◆ Saved entries
╭──
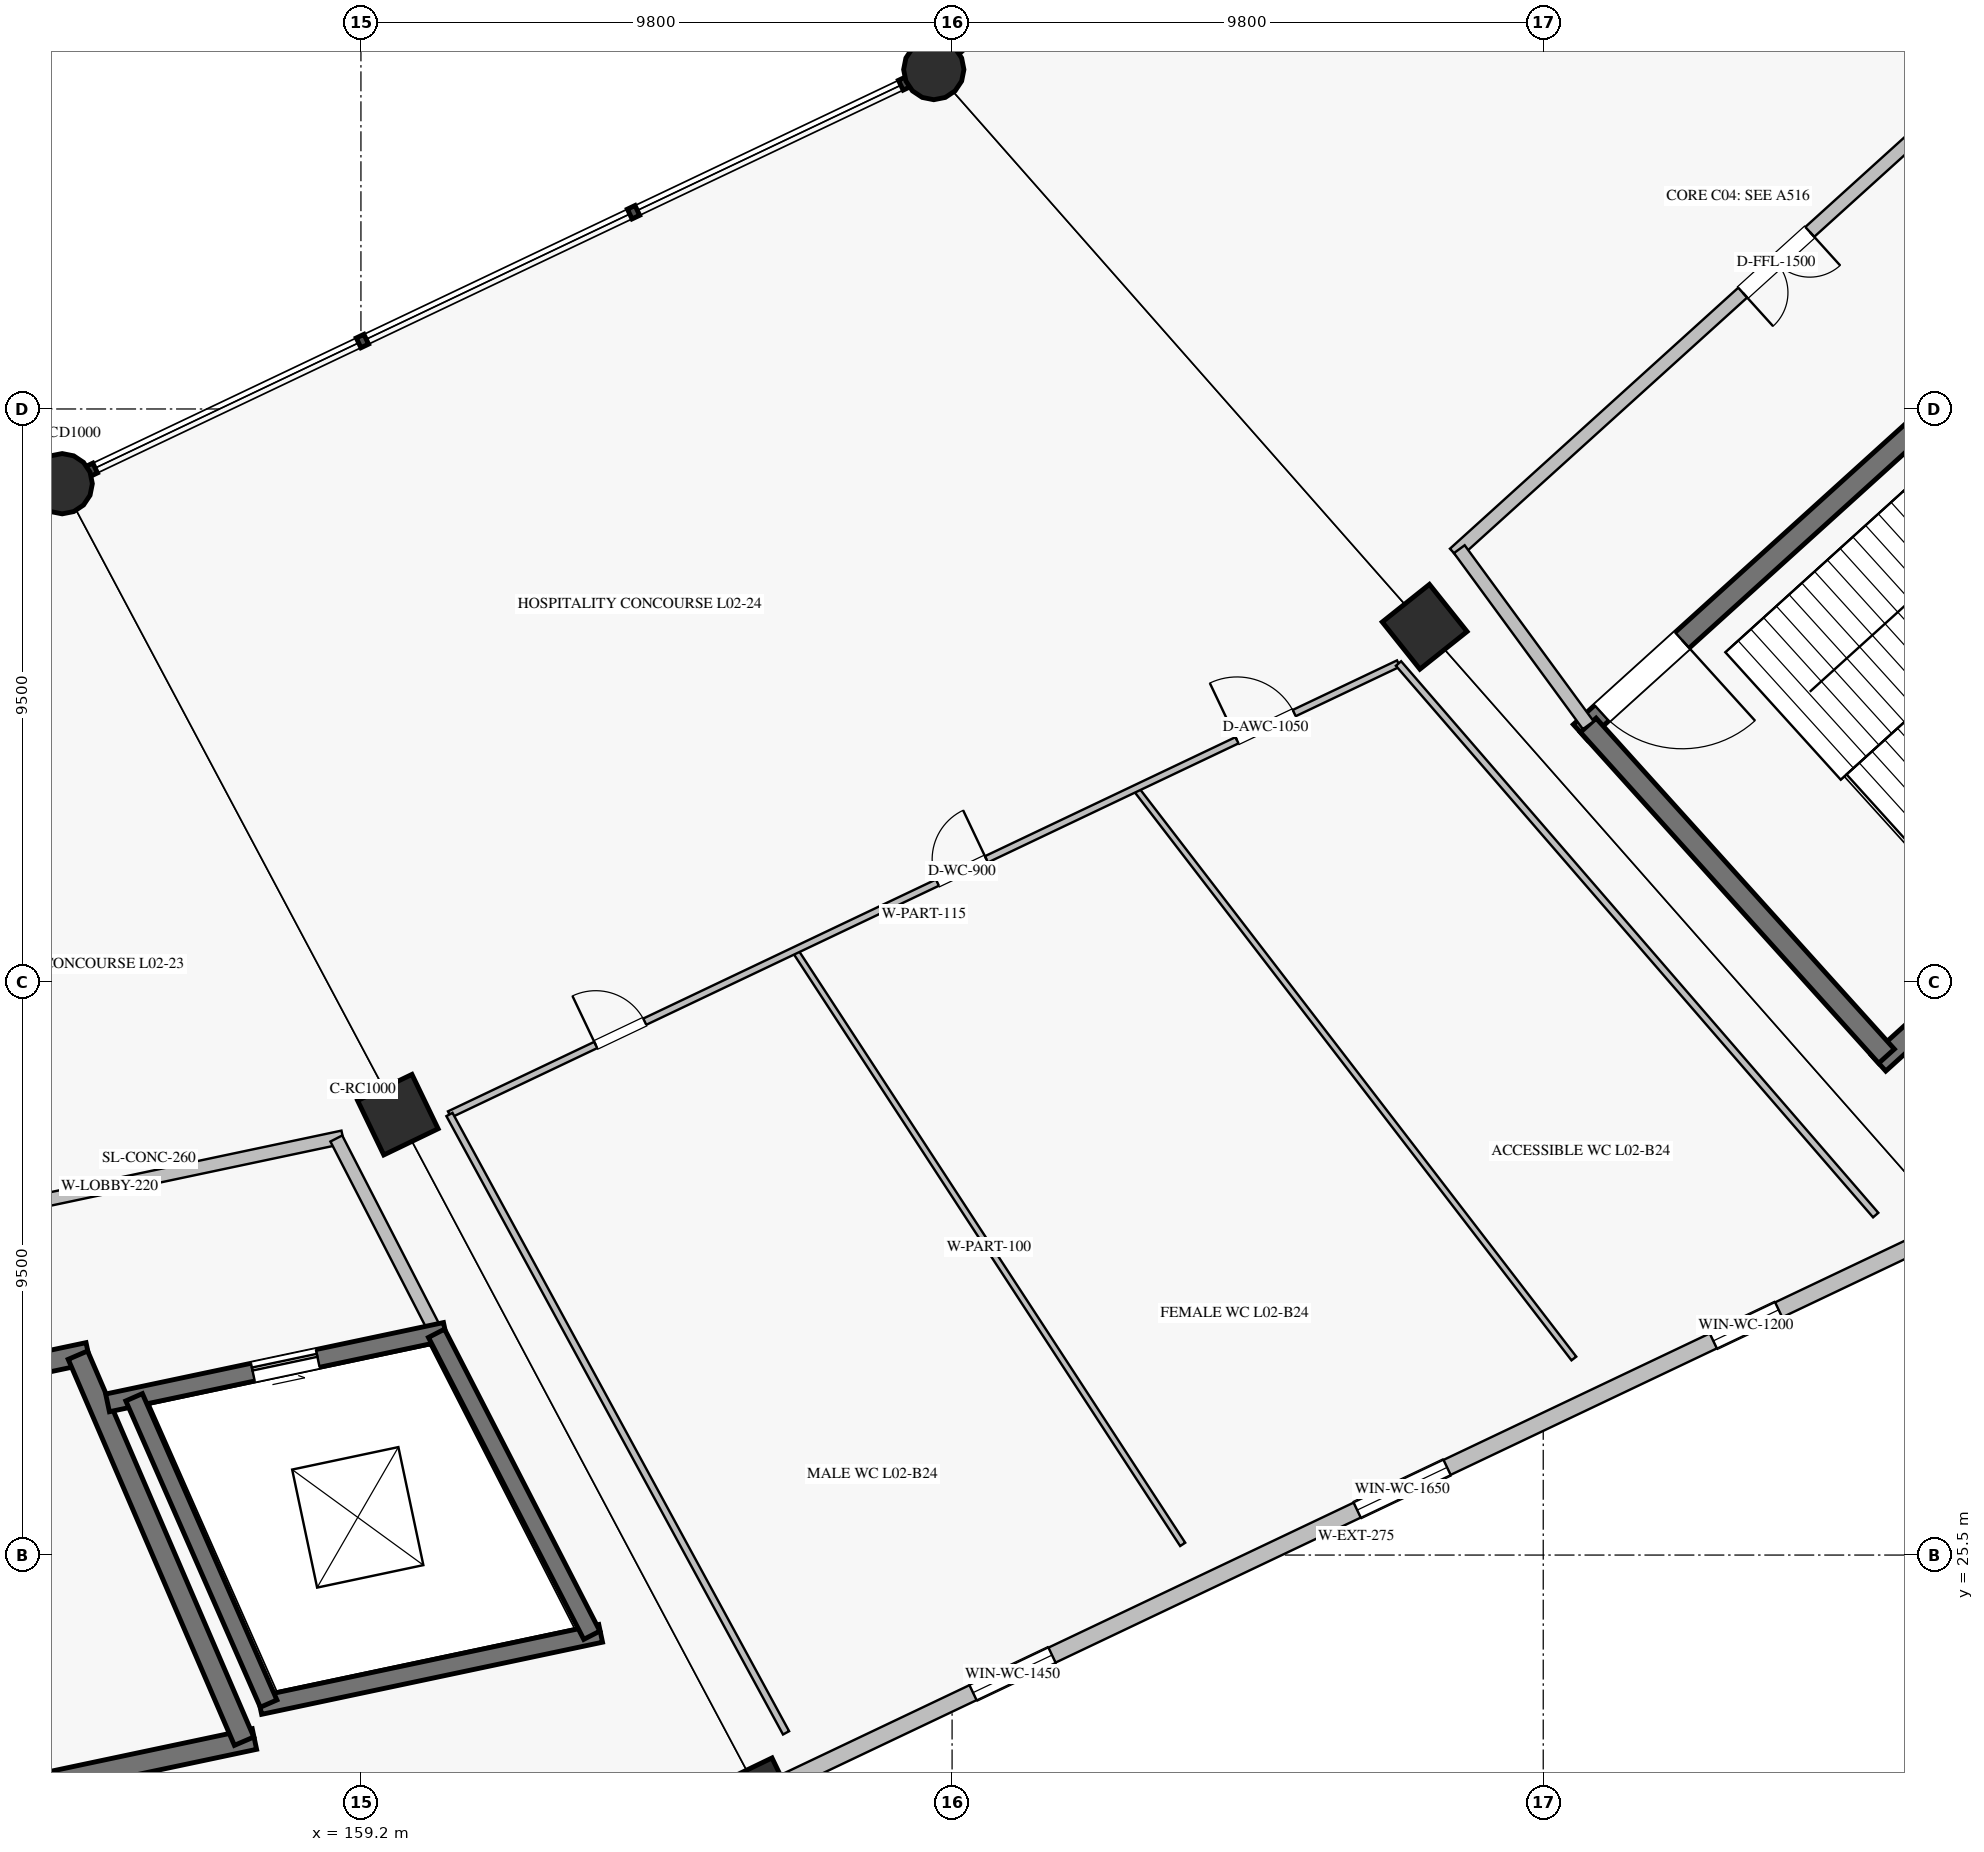
"""IFC4 building model, lengths in metres.
Left out: names, types, materials, properties, quantities, classifications, styles, units other than length and angle.
Written with IfcOpenShell. Run it as: python <this file> out.ifc"""

import sys

from ifc_helpers import new_model, si_unit, direction, frame, frame_2d, origin, origin_2d, place, context, subcontext, project, spatial, rectangle, circle, extrude, element, fill, save


model = new_model("IFC4")
c1 = context("Model", 3, precision=1e-05, world=origin(), true_north=direction((0.0, 1.0)))
c2 = subcontext(c1, "Body", "Model", "MODEL_VIEW")
j1 = project(units=[si_unit("LENGTHUNIT", "METRE"), si_unit("PLANEANGLEUNIT", "RADIAN")], contexts=[c1])
p1 = place(None, origin())
s1 = spatial("IfcSite", under=j1, at=p1, CompositionType="ELEMENT")
p2 = place(p1, origin())
s2 = spatial("IfcBuilding", under=s1, at=p2, CompositionType="ELEMENT")
p3 = place(p2, frame((0.0, 0.0, 10.54)))
s3 = spatial("IfcBuildingStorey", under=s2, at=p3, CompositionType="ELEMENT", Elevation=10.54)
for number, where, z_axis, x_axis in (
    (1, (154.248, 43.261, 0.0), (0.0, 0.0, 1.0), (0.434, -0.901, 0.0)),
    (2, (168.697, 50.127, 0.0), (0.0, 0.0, 1.0), (0.623, -0.782, 0.0)),
):
    element("IfcColumn", number, at=place(p3, frame(where, z_axis=z_axis, x_axis=x_axis)), inside=s3, PredefinedType="COLUMN", context=c2, shape_type="SweptSolid", body=[
        extrude(circle(Radius=0.5, at=origin_2d()), origin(), (0.0, 0.0, 1.0), 5.1),
    ])
for number, where, z_axis, x_axis in (
    (3, (159.812, 32.801, 0.0), (0.0, 0.0, 1.0), (0.434, -0.901, 0.0)),
    (4, (176.834, 40.889, 0.0), (0.0, 0.0, 1.0), (0.623, -0.782, 0.0)),
):
    element("IfcColumn", number, at=place(p3, frame(where, z_axis=z_axis, x_axis=x_axis)), inside=s3, PredefinedType="COLUMN", context=c2, shape_type="SweptSolid", body=[
        extrude(rectangle(XDim=1.0, YDim=1.0, at=origin_2d()), origin(), (0.0, 0.0, 1.0), 5.1),
    ])
p4 = place(p3, frame((165.805, 21.536, 0.0), z_axis=(0.0, 0.0, 1.0), x_axis=(0.433883739113, -0.900968867905, 0.0)))
e5 = element("IfcColumn", 5, at=p4, inside=s3, PredefinedType="COLUMN", context=c2, shape_type="SweptSolid", body=[
    extrude(rectangle(XDim=0.9, YDim=0.9, at=origin_2d()), origin(), (0.0, 0.0, 1.0), 5.1),
])
p5 = place(p3, frame((166.202, 21.725, 0.0), z_axis=(0.0, 0.0, 1.0), x_axis=(0.903214855299, 0.429188682478, 0.0)))
e6 = element("IfcWall", 6, at=p5, inside=s3, PredefinedType="SOLIDWALL", context=c2, shape_type="SweptSolid", body=[
    extrude(rectangle(XDim=21.034, YDim=0.275, at=frame_2d((10.517, 0.0))), origin(), (0.0, 0.0, 1.0), 4.138),
])
p6 = place(p5, frame((3.482, 0.0, 1.65)))
e7 = element("IfcOpeningElement", 7, at=p6, cuts=e6, PredefinedType="OPENING", context=c2, shape_type="SweptSolid", body=[
    extrude(rectangle(XDim=1.45, YDim=0.95, at=frame_2d((0.725, 0.475))), frame((0.0, 0.147, 0.0), z_axis=(0.0, -1.0, 0.0), x_axis=(1.0, 0.0, 0.0)), (0.0, 0.0, 1.0), 0.295),
])
p7 = place(p5, frame((10.533, 0.0, 1.65)))
e8 = element("IfcOpeningElement", 8, at=p7, cuts=e6, PredefinedType="OPENING", context=c2, shape_type="SweptSolid", body=[
    extrude(rectangle(XDim=1.65, YDim=1.0, at=frame_2d((0.825, 0.5))), frame((0.0, 0.147, 0.0), z_axis=(0.0, -1.0, 0.0), x_axis=(1.0, 0.0, 0.0)), (0.0, 0.0, 1.0), 0.295),
])
p8 = place(p5, frame((17.069, 0.0, 1.65)))
e9 = element("IfcOpeningElement", 9, at=p8, cuts=e6, PredefinedType="OPENING", context=c2, shape_type="SweptSolid", body=[
    extrude(rectangle(XDim=1.2, YDim=0.9, at=frame_2d((0.6, 0.45))), frame((0.0, 0.147, 0.0), z_axis=(0.0, -1.0, 0.0), x_axis=(1.0, 0.0, 0.0)), (0.0, 0.0, 1.0), 0.295),
])
p9 = place(p3, frame((142.896, 26.357, 0.0), z_axis=(0.0, 0.0, 1.0), x_axis=(0.978345203961, 0.206979858648, 0.0)))
e10 = element("IfcWall", 10, at=p9, inside=s3, PredefinedType="SHEAR", context=c2, shape_type="SweptSolid", body=[
    extrude(rectangle(XDim=12.044, YDim=0.35, at=frame_2d((6.022, 0.0))), origin(), (0.0, 0.0, 1.0), 4.84),
])
p10 = place(p9, frame((0.475, 0.0, 0.0)))
e11 = element("IfcOpeningElement", 11, at=p10, cuts=e10, PredefinedType="OPENING", context=c2, shape_type="SweptSolid", body=[
    extrude(rectangle(XDim=1.8, YDim=2.2, at=frame_2d((0.9, 1.1))), frame((0.0, 0.185, 0.0), z_axis=(0.0, -1.0, 0.0), x_axis=(1.0, 0.0, 0.0)), (0.0, 0.0, 1.0), 0.37),
])
p11 = place(p3, frame((144.65, 19.746, 0.0), z_axis=(0.0, 0.0, 1.0), x_axis=(0.978345119536, 0.206980257705, 0.0)))
e12 = element("IfcWall", 12, at=p11, inside=s3, PredefinedType="SHEAR", context=c2, shape_type="SweptSolid", body=[
    extrude(rectangle(XDim=13.067, YDim=0.35, at=frame_2d((6.533, 0.0))), origin(), (0.0, 0.0, 1.0), 4.84),
])
p12 = place(p3, frame((154.508, 28.814, 0.0), z_axis=(0.0, 0.0, 1.0), x_axis=(0.395453834155, -0.918485854574, 0.0)))
e13 = element("IfcWall", 13, at=p12, inside=s3, PredefinedType="SHEAR", context=c2, shape_type="SweptSolid", body=[
    extrude(rectangle(XDim=6.968, YDim=0.35, at=frame_2d((3.484, 0.0))), origin(), (0.0, 0.0, 1.0), 4.84),
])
╰──
◆ What to do
The data above should be repeated exactly, minus any pictures.

◆ Expected answer
"""IFC4 building model, lengths in metres.
Left out: names, types, materials, properties, quantities, classifications, styles, units other than length and angle.
Written with IfcOpenShell. Run it as: python <this file> out.ifc"""

import sys

from ifc_helpers import new_model, si_unit, direction, frame, frame_2d, origin, origin_2d, place, context, subcontext, project, spatial, rectangle, circle, extrude, element, fill, save


model = new_model("IFC4")
c1 = context("Model", 3, precision=1e-05, world=origin(), true_north=direction((0.0, 1.0)))
c2 = subcontext(c1, "Body", "Model", "MODEL_VIEW")
j1 = project(units=[si_unit("LENGTHUNIT", "METRE"), si_unit("PLANEANGLEUNIT", "RADIAN")], contexts=[c1])
p1 = place(None, origin())
s1 = spatial("IfcSite", under=j1, at=p1, CompositionType="ELEMENT")
p2 = place(p1, origin())
s2 = spatial("IfcBuilding", under=s1, at=p2, CompositionType="ELEMENT")
p3 = place(p2, frame((0.0, 0.0, 10.54)))
s3 = spatial("IfcBuildingStorey", under=s2, at=p3, CompositionType="ELEMENT", Elevation=10.54)
for number, where, z_axis, x_axis in (
    (1, (154.248, 43.261, 0.0), (0.0, 0.0, 1.0), (0.434, -0.901, 0.0)),
    (2, (168.697, 50.127, 0.0), (0.0, 0.0, 1.0), (0.623, -0.782, 0.0)),
):
    element("IfcColumn", number, at=place(p3, frame(where, z_axis=z_axis, x_axis=x_axis)), inside=s3, PredefinedType="COLUMN", context=c2, shape_type="SweptSolid", body=[
        extrude(circle(Radius=0.5, at=origin_2d()), origin(), (0.0, 0.0, 1.0), 5.1),
    ])
for number, where, z_axis, x_axis in (
    (3, (159.812, 32.801, 0.0), (0.0, 0.0, 1.0), (0.434, -0.901, 0.0)),
    (4, (176.834, 40.889, 0.0), (0.0, 0.0, 1.0), (0.623, -0.782, 0.0)),
):
    element("IfcColumn", number, at=place(p3, frame(where, z_axis=z_axis, x_axis=x_axis)), inside=s3, PredefinedType="COLUMN", context=c2, shape_type="SweptSolid", body=[
        extrude(rectangle(XDim=1.0, YDim=1.0, at=origin_2d()), origin(), (0.0, 0.0, 1.0), 5.1),
    ])
p4 = place(p3, frame((165.805, 21.536, 0.0), z_axis=(0.0, 0.0, 1.0), x_axis=(0.433883739113, -0.900968867905, 0.0)))
e5 = element("IfcColumn", 5, at=p4, inside=s3, PredefinedType="COLUMN", context=c2, shape_type="SweptSolid", body=[
    extrude(rectangle(XDim=0.9, YDim=0.9, at=origin_2d()), origin(), (0.0, 0.0, 1.0), 5.1),
])
p5 = place(p3, frame((166.202, 21.725, 0.0), z_axis=(0.0, 0.0, 1.0), x_axis=(0.903214855299, 0.429188682478, 0.0)))
e6 = element("IfcWall", 6, at=p5, inside=s3, PredefinedType="SOLIDWALL", context=c2, shape_type="SweptSolid", body=[
    extrude(rectangle(XDim=21.034, YDim=0.275, at=frame_2d((10.517, 0.0))), origin(), (0.0, 0.0, 1.0), 4.138),
])
p6 = place(p5, frame((3.482, 0.0, 1.65)))
e7 = element("IfcOpeningElement", 7, at=p6, cuts=e6, PredefinedType="OPENING", context=c2, shape_type="SweptSolid", body=[
    extrude(rectangle(XDim=1.45, YDim=0.95, at=frame_2d((0.725, 0.475))), frame((0.0, 0.147, 0.0), z_axis=(0.0, -1.0, 0.0), x_axis=(1.0, 0.0, 0.0)), (0.0, 0.0, 1.0), 0.295),
])
p7 = place(p5, frame((10.533, 0.0, 1.65)))
e8 = element("IfcOpeningElement", 8, at=p7, cuts=e6, PredefinedType="OPENING", context=c2, shape_type="SweptSolid", body=[
    extrude(rectangle(XDim=1.65, YDim=1.0, at=frame_2d((0.825, 0.5))), frame((0.0, 0.147, 0.0), z_axis=(0.0, -1.0, 0.0), x_axis=(1.0, 0.0, 0.0)), (0.0, 0.0, 1.0), 0.295),
])
p8 = place(p5, frame((17.069, 0.0, 1.65)))
e9 = element("IfcOpeningElement", 9, at=p8, cuts=e6, PredefinedType="OPENING", context=c2, shape_type="SweptSolid", body=[
    extrude(rectangle(XDim=1.2, YDim=0.9, at=frame_2d((0.6, 0.45))), frame((0.0, 0.147, 0.0), z_axis=(0.0, -1.0, 0.0), x_axis=(1.0, 0.0, 0.0)), (0.0, 0.0, 1.0), 0.295),
])
p9 = place(p3, frame((142.896, 26.357, 0.0), z_axis=(0.0, 0.0, 1.0), x_axis=(0.978345203961, 0.206979858648, 0.0)))
e10 = element("IfcWall", 10, at=p9, inside=s3, PredefinedType="SHEAR", context=c2, shape_type="SweptSolid", body=[
    extrude(rectangle(XDim=12.044, YDim=0.35, at=frame_2d((6.022, 0.0))), origin(), (0.0, 0.0, 1.0), 4.84),
])
p10 = place(p9, frame((0.475, 0.0, 0.0)))
e11 = element("IfcOpeningElement", 11, at=p10, cuts=e10, PredefinedType="OPENING", context=c2, shape_type="SweptSolid", body=[
    extrude(rectangle(XDim=1.8, YDim=2.2, at=frame_2d((0.9, 1.1))), frame((0.0, 0.185, 0.0), z_axis=(0.0, -1.0, 0.0), x_axis=(1.0, 0.0, 0.0)), (0.0, 0.0, 1.0), 0.37),
])
p11 = place(p3, frame((144.65, 19.746, 0.0), z_axis=(0.0, 0.0, 1.0), x_axis=(0.978345119536, 0.206980257705, 0.0)))
e12 = element("IfcWall", 12, at=p11, inside=s3, PredefinedType="SHEAR", context=c2, shape_type="SweptSolid", body=[
    extrude(rectangle(XDim=13.067, YDim=0.35, at=frame_2d((6.533, 0.0))), origin(), (0.0, 0.0, 1.0), 4.84),
])
p12 = place(p3, frame((154.508, 28.814, 0.0), z_axis=(0.0, 0.0, 1.0), x_axis=(0.395453834155, -0.918485854574, 0.0)))
e13 = element("IfcWall", 13, at=p12, inside=s3, PredefinedType="SHEAR", context=c2, shape_type="SweptSolid", body=[
    extrude(rectangle(XDim=6.968, YDim=0.35, at=frame_2d((3.484, 0.0))), origin(), (0.0, 0.0, 1.0), 4.84),
])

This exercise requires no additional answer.